• **Problem requirements**: For the entries below, the expected answer is the line with "p8 = place(p7, frame((7.7, 0.0, 0.0)))", the line with "p10 = place(p9, frame((0.25, 0.0, 0.0)))", and every line between them, exactly as written, and nothing more.

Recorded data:
:::

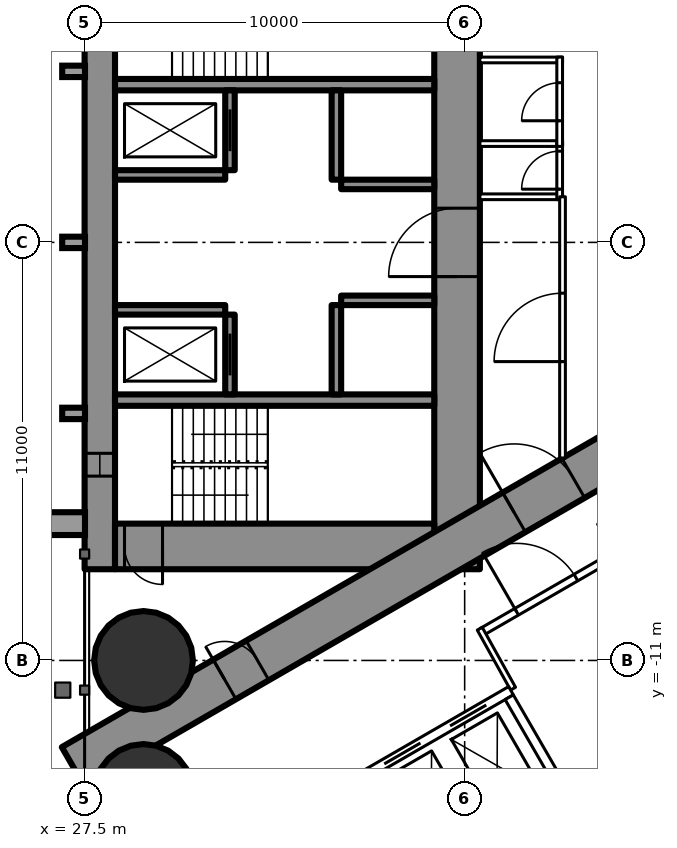
"""IFC4 building model, lengths in metres.
Left out: names, types, materials, properties, quantities, classifications, styles, units other than length and angle.
Written with IfcOpenShell. Run it as: python <this file> out.ifc"""

import sys

from ifc_helpers import new_model, si_unit, direction, frame, frame_2d, origin, origin_2d, place, context, subcontext, project, spatial, rectangle, hollow_circle, extrude, element, fill, save


model = new_model("IFC4")
c1 = context("Model", 3, precision=1e-05, world=origin(), true_north=direction((0.0, 1.0)))
c2 = subcontext(c1, "Body", "Model", "MODEL_VIEW")
j1 = project(units=[si_unit("LENGTHUNIT", "METRE"), si_unit("PLANEANGLEUNIT", "RADIAN")], contexts=[c1])
p1 = place(None, origin())
s1 = spatial("IfcSite", under=j1, at=p1, CompositionType="ELEMENT")
p2 = place(p1, origin())
s2 = spatial("IfcBuilding", under=s1, at=p2, CompositionType="ELEMENT")
p3 = place(p2, frame((0.0, 0.0, 94.1)))
s3 = spatial("IfcBuildingStorey", under=s2, at=p3, CompositionType="ELEMENT", Elevation=94.1)
for number, where, z_axis, x_axis in (
    (1, (29.05, -11.0, 0.0), (0.0, 0.0, 1.0), (1.0, 0.0, 0.0)),
    (2, (29.05, -14.5, 0.0), (0.0, 0.0, 1.0), (1.0, 0.0, 0.0)),
):
    element("IfcColumn", number, at=place(p3, frame(where, z_axis=z_axis, x_axis=x_axis)), inside=s3, PredefinedType="COLUMN", context=c2, shape_type="SweptSolid", body=[
        extrude(hollow_circle(Radius=1.3, WallThickness=0.1, at=origin_2d()), origin(), (0.0, 0.0, 1.0), 3.5),
    ])
p4 = place(p3, frame((27.9, -8.6, 0.0), z_axis=(0.0, 0.0, 1.0), x_axis=(0.0, 1.0, 0.0)))
e3 = element("IfcWall", 3, at=p4, inside=s3, PredefinedType="SHEAR", context=c2, shape_type="SweptSolid", body=[
    extrude(rectangle(XDim=17.2, YDim=0.8, at=frame_2d((8.6, 0.0))), origin(), (0.0, 0.0, 1.0), 3.5),
])
p5 = place(p4, frame((2.45, 0.0, 0.6)))
e4 = element("IfcOpeningElement", 4, at=p5, cuts=e3, PredefinedType="OPENING", context=c2, shape_type="SweptSolid", body=[
    extrude(rectangle(XDim=0.6, YDim=2.1, at=frame_2d((0.3, 1.05))), frame((0.0, 0.41, 0.0), z_axis=(0.0, -1.0, 0.0), x_axis=(1.0, 0.0, 0.0)), (0.0, 0.0, 1.0), 0.82),
])
p6 = place(p4, frame((14.15, 0.0, 0.6)))
e5 = element("IfcOpeningElement", 5, at=p6, cuts=e3, PredefinedType="OPENING", context=c2, shape_type="SweptSolid", body=[
    extrude(rectangle(XDim=0.6, YDim=2.1, at=frame_2d((0.3, 1.05))), frame((0.0, 0.41, 0.0), z_axis=(0.0, -1.0, 0.0), x_axis=(1.0, 0.0, 0.0)), (0.0, 0.0, 1.0), 0.82),
])
p7 = place(p3, frame((37.3, -8.6, 0.0), z_axis=(0.0, 0.0, 1.0), x_axis=(0.0, 1.0, 0.0)))
e6 = element("IfcWall", 6, at=p7, inside=s3, PredefinedType="SHEAR", context=c2, shape_type="SweptSolid", body=[
    extrude(rectangle(XDim=17.2, YDim=1.2, at=frame_2d((8.6, 0.0))), origin(), (0.0, 0.0, 1.0), 3.5),
])
p8 = place(p7, frame((7.7, 0.0, 0.0)))
e7 = element("IfcOpeningElement", 7, at=p8, cuts=e6, PredefinedType="OPENING", context=c2, shape_type="SweptSolid", body=[
    extrude(rectangle(XDim=1.8, YDim=2.2, at=frame_2d((0.9, 1.1))), frame((0.0, 0.61, 0.0), z_axis=(0.0, -1.0, 0.0), x_axis=(1.0, 0.0, 0.0)), (0.0, 0.0, 1.0), 1.22),
])
p9 = place(p3, frame((28.3, -8.0, 0.0), z_axis=(0.0, 0.0, 1.0), x_axis=(1.0, 0.0, 0.0)))
e8 = element("IfcWall", 8, at=p9, inside=s3, PredefinedType="SHEAR", context=c2, shape_type="SweptSolid", body=[
    extrude(rectangle(XDim=8.4, YDim=1.2, at=frame_2d((4.2, 0.0))), origin(), (0.0, 0.0, 1.0), 3.5),
])
p10 = place(p9, frame((0.25, 0.0, 0.0)))
e9 = element("IfcOpeningElement", 9, at=p10, cuts=e8, PredefinedType="OPENING", context=c2, shape_type="SweptSolid", body=[
    extrude(rectangle(XDim=1.0, YDim=2.2, at=frame_2d((0.5, 1.1))), frame((0.0, 0.61, 0.0), z_axis=(0.0, -1.0, 0.0), x_axis=(1.0, 0.0, 0.0)), (0.0, 0.0, 1.0), 1.22),
])
for number, where, z_axis, x_axis in (
    (10, (28.3, -4.15, 0.0), (0.0, 0.0, 1.0), (1.0, 0.0, 0.0)),
    (11, (28.3, 4.15, 0.0), (0.0, 0.0, 1.0), (1.0, 0.0, 0.0)),
):
    element("IfcWall", number, at=place(p3, frame(where, z_axis=z_axis, x_axis=x_axis)), inside=s3, PredefinedType="SHEAR", context=c2, shape_type="SweptSolid", body=[
        extrude(rectangle(XDim=8.4, YDim=0.3, at=frame_2d((4.2, 0.0))), origin(), (0.0, 0.0, 1.0), 3.5),
    ])
p11 = place(p3, frame((31.325, -4.0, 0.0), z_axis=(0.0, 0.0, 1.0), x_axis=(0.0, 1.0, 0.0)))
e12 = element("IfcWall", 12, at=p11, inside=s3, PredefinedType="SHEAR", context=c2, shape_type="SweptSolid", body=[
    extrude(rectangle(XDim=2.1, YDim=0.25, at=frame_2d((1.05, 0.0))), origin(), (0.0, 0.0, 1.0), 3.5),
])
p12 = place(p11, frame((0.5, 0.0, 0.0)))
e13 = element("IfcOpeningElement", 13, at=p12, cuts=e12, PredefinedType="OPENING", context=c2, shape_type="SweptSolid", body=[
    extrude(rectangle(XDim=1.1, YDim=2.2, at=frame_2d((0.55, 1.1))), frame((0.0, 0.135, 0.0), z_axis=(0.0, -1.0, 0.0), x_axis=(1.0, 0.0, 0.0)), (0.0, 0.0, 1.0), 0.27),
])
p13 = place(p3, frame((34.125, -4.0, 0.0), z_axis=(0.0, 0.0, 1.0), x_axis=(0.0, 1.0, 0.0)))
e14 = element("IfcWall", 14, at=p13, inside=s3, PredefinedType="SHEAR", context=c2, shape_type="SweptSolid", body=[
    extrude(rectangle(XDim=2.35, YDim=0.25, at=frame_2d((1.175, 0.0))), origin(), (0.0, 0.0, 1.0), 3.5),
])
p14 = place(p3, frame((28.3, -1.775, 0.0), z_axis=(0.0, 0.0, 1.0), x_axis=(1.0, 0.0, 0.0)))
e15 = element("IfcWall", 15, at=p14, inside=s3, PredefinedType="SHEAR", context=c2, shape_type="SweptSolid", body=[
    extrude(rectangle(XDim=2.9, YDim=0.25, at=frame_2d((1.45, 0.0))), origin(), (0.0, 0.0, 1.0), 3.5),
])
p15 = place(p3, frame((34.25, -1.525, 0.0), z_axis=(0.0, 0.0, 1.0), x_axis=(1.0, 0.0, 0.0)))
e16 = element("IfcWall", 16, at=p15, inside=s3, PredefinedType="SHEAR", context=c2, shape_type="SweptSolid", body=[
    extrude(rectangle(XDim=2.45, YDim=0.25, at=frame_2d((1.225, 0.0))), origin(), (0.0, 0.0, 1.0), 3.5),
])
p16 = place(p3, frame((31.325, 1.9, 0.0), z_axis=(0.0, 0.0, 1.0), x_axis=(0.0, 1.0, 0.0)))
e17 = element("IfcWall", 17, at=p16, inside=s3, PredefinedType="SHEAR", context=c2, shape_type="SweptSolid", body=[
    extrude(rectangle(XDim=2.1, YDim=0.25, at=frame_2d((1.05, 0.0))), origin(), (0.0, 0.0, 1.0), 3.5),
])
p17 = place(p16, frame((0.5, 0.0, 0.0)))
e18 = element("IfcOpeningElement", 18, at=p17, cuts=e17, PredefinedType="OPENING", context=c2, shape_type="SweptSolid", body=[
    extrude(rectangle(XDim=1.1, YDim=2.2, at=frame_2d((0.55, 1.1))), frame((0.0, 0.135, 0.0), z_axis=(0.0, -1.0, 0.0), x_axis=(1.0, 0.0, 0.0)), (0.0, 0.0, 1.0), 0.27),
])
p18 = place(p3, frame((34.125, 1.65, 0.0), z_axis=(0.0, 0.0, 1.0), x_axis=(0.0, 1.0, 0.0)))
e19 = element("IfcWall", 19, at=p18, inside=s3, PredefinedType="SHEAR", context=c2, shape_type="SweptSolid", body=[
    extrude(rectangle(XDim=2.35, YDim=0.25, at=frame_2d((1.175, 0.0))), origin(), (0.0, 0.0, 1.0), 3.5),
])
p19 = place(p3, frame((28.3, 1.775, 0.0), z_axis=(0.0, 0.0, 1.0), x_axis=(1.0, 0.0, 0.0)))
e20 = element("IfcWall", 20, at=p19, inside=s3, PredefinedType="SHEAR", context=c2, shape_type="SweptSolid", body=[
    extrude(rectangle(XDim=2.9, YDim=0.25, at=frame_2d((1.45, 0.0))), origin(), (0.0, 0.0, 1.0), 3.5),
])
p20 = place(p3, frame((34.25, 1.525, 0.0), z_axis=(0.0, 0.0, 1.0), x_axis=(1.0, 0.0, 0.0)))
e21 = element("IfcWall", 21, at=p20, inside=s3, PredefinedType="SHEAR", context=c2, shape_type="SweptSolid", body=[
    extrude(rectangle(XDim=2.45, YDim=0.25, at=frame_2d((1.225, 0.0))), origin(), (0.0, 0.0, 1.0), 3.5),
])
p21 = place(p3, frame((27.2, -13.8, 0.0), z_axis=(0.0, 0.0, 1.0), x_axis=(0.866027159892, 0.499996958321, 0.0)))
e22 = element("IfcWall", 22, at=p21, inside=s3, PredefinedType="SHEAR", context=c2, shape_type="SweptSolid", body=[
    extrude(rectangle(XDim=27.947, YDim=1.2, at=frame_2d((13.973, 0.0))), origin(), (0.0, 0.0, 1.0), 3.5),
])
p22 = place(p21, frame((4.6, 0.0, 0.0)))
e23 = element("IfcOpeningElement", 23, at=p22, cuts=e22, PredefinedType="OPENING", context=c2, shape_type="SweptSolid", body=[
    extrude(rectangle(XDim=1.0, YDim=2.2, at=frame_2d((0.5, 1.1))), frame((0.0, 0.61, 0.0), z_axis=(0.0, -1.0, 0.0), x_axis=(1.0, 0.0, 0.0)), (0.0, 0.0, 1.0), 1.22),
])
p23 = place(p21, frame((13.395, 0.0, 0.0)))
e24 = element("IfcOpeningElement", 24, at=p23, cuts=e22, PredefinedType="OPENING", context=c2, shape_type="SweptSolid", body=[
    extrude(rectangle(XDim=1.8, YDim=2.2, at=frame_2d((0.9, 1.1))), frame((0.0, 0.61, 0.0), z_axis=(0.0, -1.0, 0.0), x_axis=(1.0, 0.0, 0.0)), (0.0, 0.0, 1.0), 1.22),
])
p24 = place(p3, frame((27.2, 13.8, 0.0), z_axis=(0.0, 0.0, 1.0), x_axis=(0.866024515034, -0.500001539357, 0.0)))
e25 = element("IfcWall", 25, at=p24, inside=s3, PredefinedType="SHEAR", context=c2, shape_type="SweptSolid", body=[
    extrude(rectangle(XDim=26.907, YDim=1.2, at=frame_2d((13.454, 0.0))), origin(), (0.0, 0.0, 1.0), 3.5),
])
p25 = place(p24, frame((4.6, 0.0, 0.0)))
e26 = element("IfcOpeningElement", 26, at=p25, cuts=e25, PredefinedType="OPENING", context=c2, shape_type="SweptSolid", body=[
    extrude(rectangle(XDim=1.0, YDim=2.2, at=frame_2d((0.5, 1.1))), frame((0.0, 0.61, 0.0), z_axis=(0.0, -1.0, 0.0), x_axis=(1.0, 0.0, 0.0)), (0.0, 0.0, 1.0), 1.22),
])
p26 = place(p24, frame((13.395, 0.0, 0.0)))
e27 = element("IfcOpeningElement", 27, at=p26, cuts=e25, PredefinedType="OPENING", context=c2, shape_type="SweptSolid", body=[
    extrude(rectangle(XDim=1.8, YDim=2.2, at=frame_2d((0.9, 1.1))), frame((0.0, 0.61, 0.0), z_axis=(0.0, -1.0, 0.0), x_axis=(1.0, 0.0, 0.0)), (0.0, 0.0, 1.0), 1.22),
])
p27 = place(p3, frame((37.96, -10.243, 0.0), z_axis=(0.0, 0.0, 1.0), x_axis=(0.866026429433, 0.499998223521, 0.0)))
e28 = element("IfcWall", 28, at=p27, inside=s3, PredefinedType="PARTITIONING", context=c2, shape_type="SweptSolid", body=[
    extrude(rectangle(XDim=20.487, YDim=0.2, at=frame_2d((10.243, 0.0))), origin(), (0.0, 0.0, 1.0), 3.25),
])
p28 = place(p27, frame((4.047, 0.0, 0.0)))
e29 = element("IfcOpeningElement", 29, at=p28, cuts=e28, PredefinedType="OPENING", context=c2, shape_type="SweptSolid", body=[
    extrude(rectangle(XDim=0.95, YDim=2.2, at=frame_2d((0.475, 1.1))), frame((0.0, 0.11, 0.0), z_axis=(0.0, -1.0, 0.0), x_axis=(1.0, 0.0, 0.0)), (0.0, 0.0, 1.0), 0.22),
])
p29 = place(p27, frame((11.04, 0.0, 0.0)))
e30 = element("IfcOpeningElement", 30, at=p29, cuts=e28, PredefinedType="OPENING", context=c2, shape_type="SweptSolid", body=[
    extrude(rectangle(XDim=0.95, YDim=2.2, at=frame_2d((0.475, 1.1))), frame((0.0, 0.11, 0.0), z_axis=(0.0, -1.0, 0.0), x_axis=(1.0, 0.0, 0.0)), (0.0, 0.0, 1.0), 0.22),
])
p30 = place(p27, frame((13.035, 0.0, 0.0)))
e31 = element("IfcOpeningElement", 31, at=p30, cuts=e28, PredefinedType="OPENING", context=c2, shape_type="SweptSolid", body=[
    extrude(rectangle(XDim=0.95, YDim=2.2, at=frame_2d((0.475, 1.1))), frame((0.0, 0.11, 0.0), z_axis=(0.0, -1.0, 0.0), x_axis=(1.0, 0.0, 0.0)), (0.0, 0.0, 1.0), 0.22),
])
p31 = place(p27, frame((17.085, 0.0, 0.0)))
e32 = element("IfcOpeningElement", 32, at=p31, cuts=e28, PredefinedType="OPENING", context=c2, shape_type="SweptSolid", body=[
    extrude(rectangle(XDim=0.95, YDim=2.2, at=frame_2d((0.475, 1.1))), frame((0.0, 0.11, 0.0), z_axis=(0.0, -1.0, 0.0), x_axis=(1.0, 0.0, 0.0)), (0.0, 0.0, 1.0), 0.22),
])
p32 = place(p27, frame((1.048, 0.0, 0.0)))
e33 = element("IfcOpeningElement", 33, at=p32, cuts=e28, PredefinedType="OPENING", context=c2, shape_type="SweptSolid", body=[
    extrude(rectangle(XDim=1.8, YDim=2.2, at=frame_2d((0.9, 1.1))), frame((0.0, 0.11, 0.0), z_axis=(0.0, -1.0, 0.0), x_axis=(1.0, 0.0, 0.0)), (0.0, 0.0, 1.0), 0.22),
])
p33 = place(p3, frame((36.834, 10.894, 0.0), z_axis=(0.0, 0.0, 1.0), x_axis=(0.866028157229, -0.499995230863, 0.0)))
e34 = element("IfcWall", 34, at=p33, inside=s3, PredefinedType="PARTITIONING", context=c2, shape_type="SweptSolid", body=[
    extrude(rectangle(XDim=21.667, YDim=0.2, at=frame_2d((10.833, 0.0))), origin(), (0.0, 0.0, 1.0), 3.25),
])
p34 = place(p33, frame((14.04, 0.0, 0.0)))
e35 = element("IfcOpeningElement", 35, at=p34, cuts=e34, PredefinedType="OPENING", context=c2, shape_type="SweptSolid", body=[
    extrude(rectangle(XDim=0.95, YDim=2.2, at=frame_2d((0.475, 1.1))), frame((0.0, 0.11, 0.0), z_axis=(0.0, -1.0, 0.0), x_axis=(1.0, 0.0, 0.0)), (0.0, 0.0, 1.0), 0.22),
])
p35 = place(p33, frame((9.99, 0.0, 0.0)))
e36 = element("IfcOpeningElement", 36, at=p35, cuts=e34, PredefinedType="OPENING", context=c2, shape_type="SweptSolid", body=[
    extrude(rectangle(XDim=0.95, YDim=2.2, at=frame_2d((0.475, 1.1))), frame((0.0, 0.11, 0.0), z_axis=(0.0, -1.0, 0.0), x_axis=(1.0, 0.0, 0.0)), (0.0, 0.0, 1.0), 0.22),
])
p36 = place(p33, frame((3.35, 0.0, 0.0)))
e37 = element("IfcOpeningElement", 37, at=p36, cuts=e34, PredefinedType="OPENING", context=c2, shape_type="SweptSolid", body=[
    extrude(rectangle(XDim=1.0, YDim=2.2, at=frame_2d((0.5, 1.1))), frame((0.0, 0.11, 0.0), z_axis=(0.0, -1.0, 0.0), x_axis=(1.0, 0.0, 0.0)), (0.0, 0.0, 1.0), 0.22),
])
p37 = place(p3, frame((38.773, -11.742, 0.0), z_axis=(0.0, 0.0, 1.0), x_axis=(-0.485528096672, 0.8742210632, 0.0)))
e38 = element("IfcWall", 38, at=p37, inside=s3, PredefinedType="PARTITIONING", context=c2, shape_type="SweptSolid", body=[
    extrude(rectangle(XDim=1.805, YDim=0.15, at=frame_2d((0.903, 0.0))), origin(), (0.0, 0.0, 1.0), 3.25),
])
for number, where, z_axis, x_axis in (
    (39, (37.9, 1.2, 0.0), (0.0, 0.0, 1.0), (1.0, 0.0, 0.0)),
    (40, (37.9, 2.6, 0.0), (0.0, 0.0, 1.0), (1.0, 0.0, 0.0)),
    (41, (37.9, 4.8, 0.0), (0.0, 0.0, 1.0), (1.0, 0.0, 0.0)),
):
    element("IfcWall", number, at=place(p3, frame(where, z_axis=z_axis, x_axis=x_axis)), inside=s3, PredefinedType="PARTITIONING", context=c2, shape_type="SweptSolid", body=[
        extrude(rectangle(XDim=2.175, YDim=0.15, at=frame_2d((1.087, 0.0))), origin(), (0.0, 0.0, 1.0), 3.25),
    ])
p38 = place(p3, frame((40.0, 1.125, 0.0), z_axis=(0.0, 0.0, 1.0), x_axis=(0.0, 1.0, 0.0)))
e42 = element("IfcWall", 42, at=p38, inside=s3, PredefinedType="PARTITIONING", context=c2, shape_type="SweptSolid", body=[
    extrude(rectangle(XDim=1.55, YDim=0.15, at=frame_2d((0.775, 0.0))), origin(), (0.0, 0.0, 1.0), 3.25),
])
p39 = place(p38, frame((0.275, 0.0, 0.0)))
e43 = element("IfcOpeningElement", 43, at=p39, cuts=e42, PredefinedType="OPENING", context=c2, shape_type="SweptSolid", body=[
    extrude(rectangle(XDim=1.0, YDim=2.2, at=frame_2d((0.5, 1.1))), frame((0.0, 0.085, 0.0), z_axis=(0.0, -1.0, 0.0), x_axis=(1.0, 0.0, 0.0)), (0.0, 0.0, 1.0), 0.17),
])
p40 = place(p3, frame((40.0, 2.525, 0.0), z_axis=(0.0, 0.0, 1.0), x_axis=(0.0, 1.0, 0.0)))
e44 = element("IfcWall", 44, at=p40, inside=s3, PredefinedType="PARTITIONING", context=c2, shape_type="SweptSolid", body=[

:::

• **Completed task**:
p8 = place(p7, frame((7.7, 0.0, 0.0)))
e7 = element("IfcOpeningElement", 7, at=p8, cuts=e6, PredefinedType="OPENING", context=c2, shape_type="SweptSolid", body=[
    extrude(rectangle(XDim=1.8, YDim=2.2, at=frame_2d((0.9, 1.1))), frame((0.0, 0.61, 0.0), z_axis=(0.0, -1.0, 0.0), x_axis=(1.0, 0.0, 0.0)), (0.0, 0.0, 1.0), 1.22),
])
p9 = place(p3, frame((28.3, -8.0, 0.0), z_axis=(0.0, 0.0, 1.0), x_axis=(1.0, 0.0, 0.0)))
e8 = element("IfcWall", 8, at=p9, inside=s3, PredefinedType="SHEAR", context=c2, shape_type="SweptSolid", body=[
    extrude(rectangle(XDim=8.4, YDim=1.2, at=frame_2d((4.2, 0.0))), origin(), (0.0, 0.0, 1.0), 3.5),
])
p10 = place(p9, frame((0.25, 0.0, 0.0)))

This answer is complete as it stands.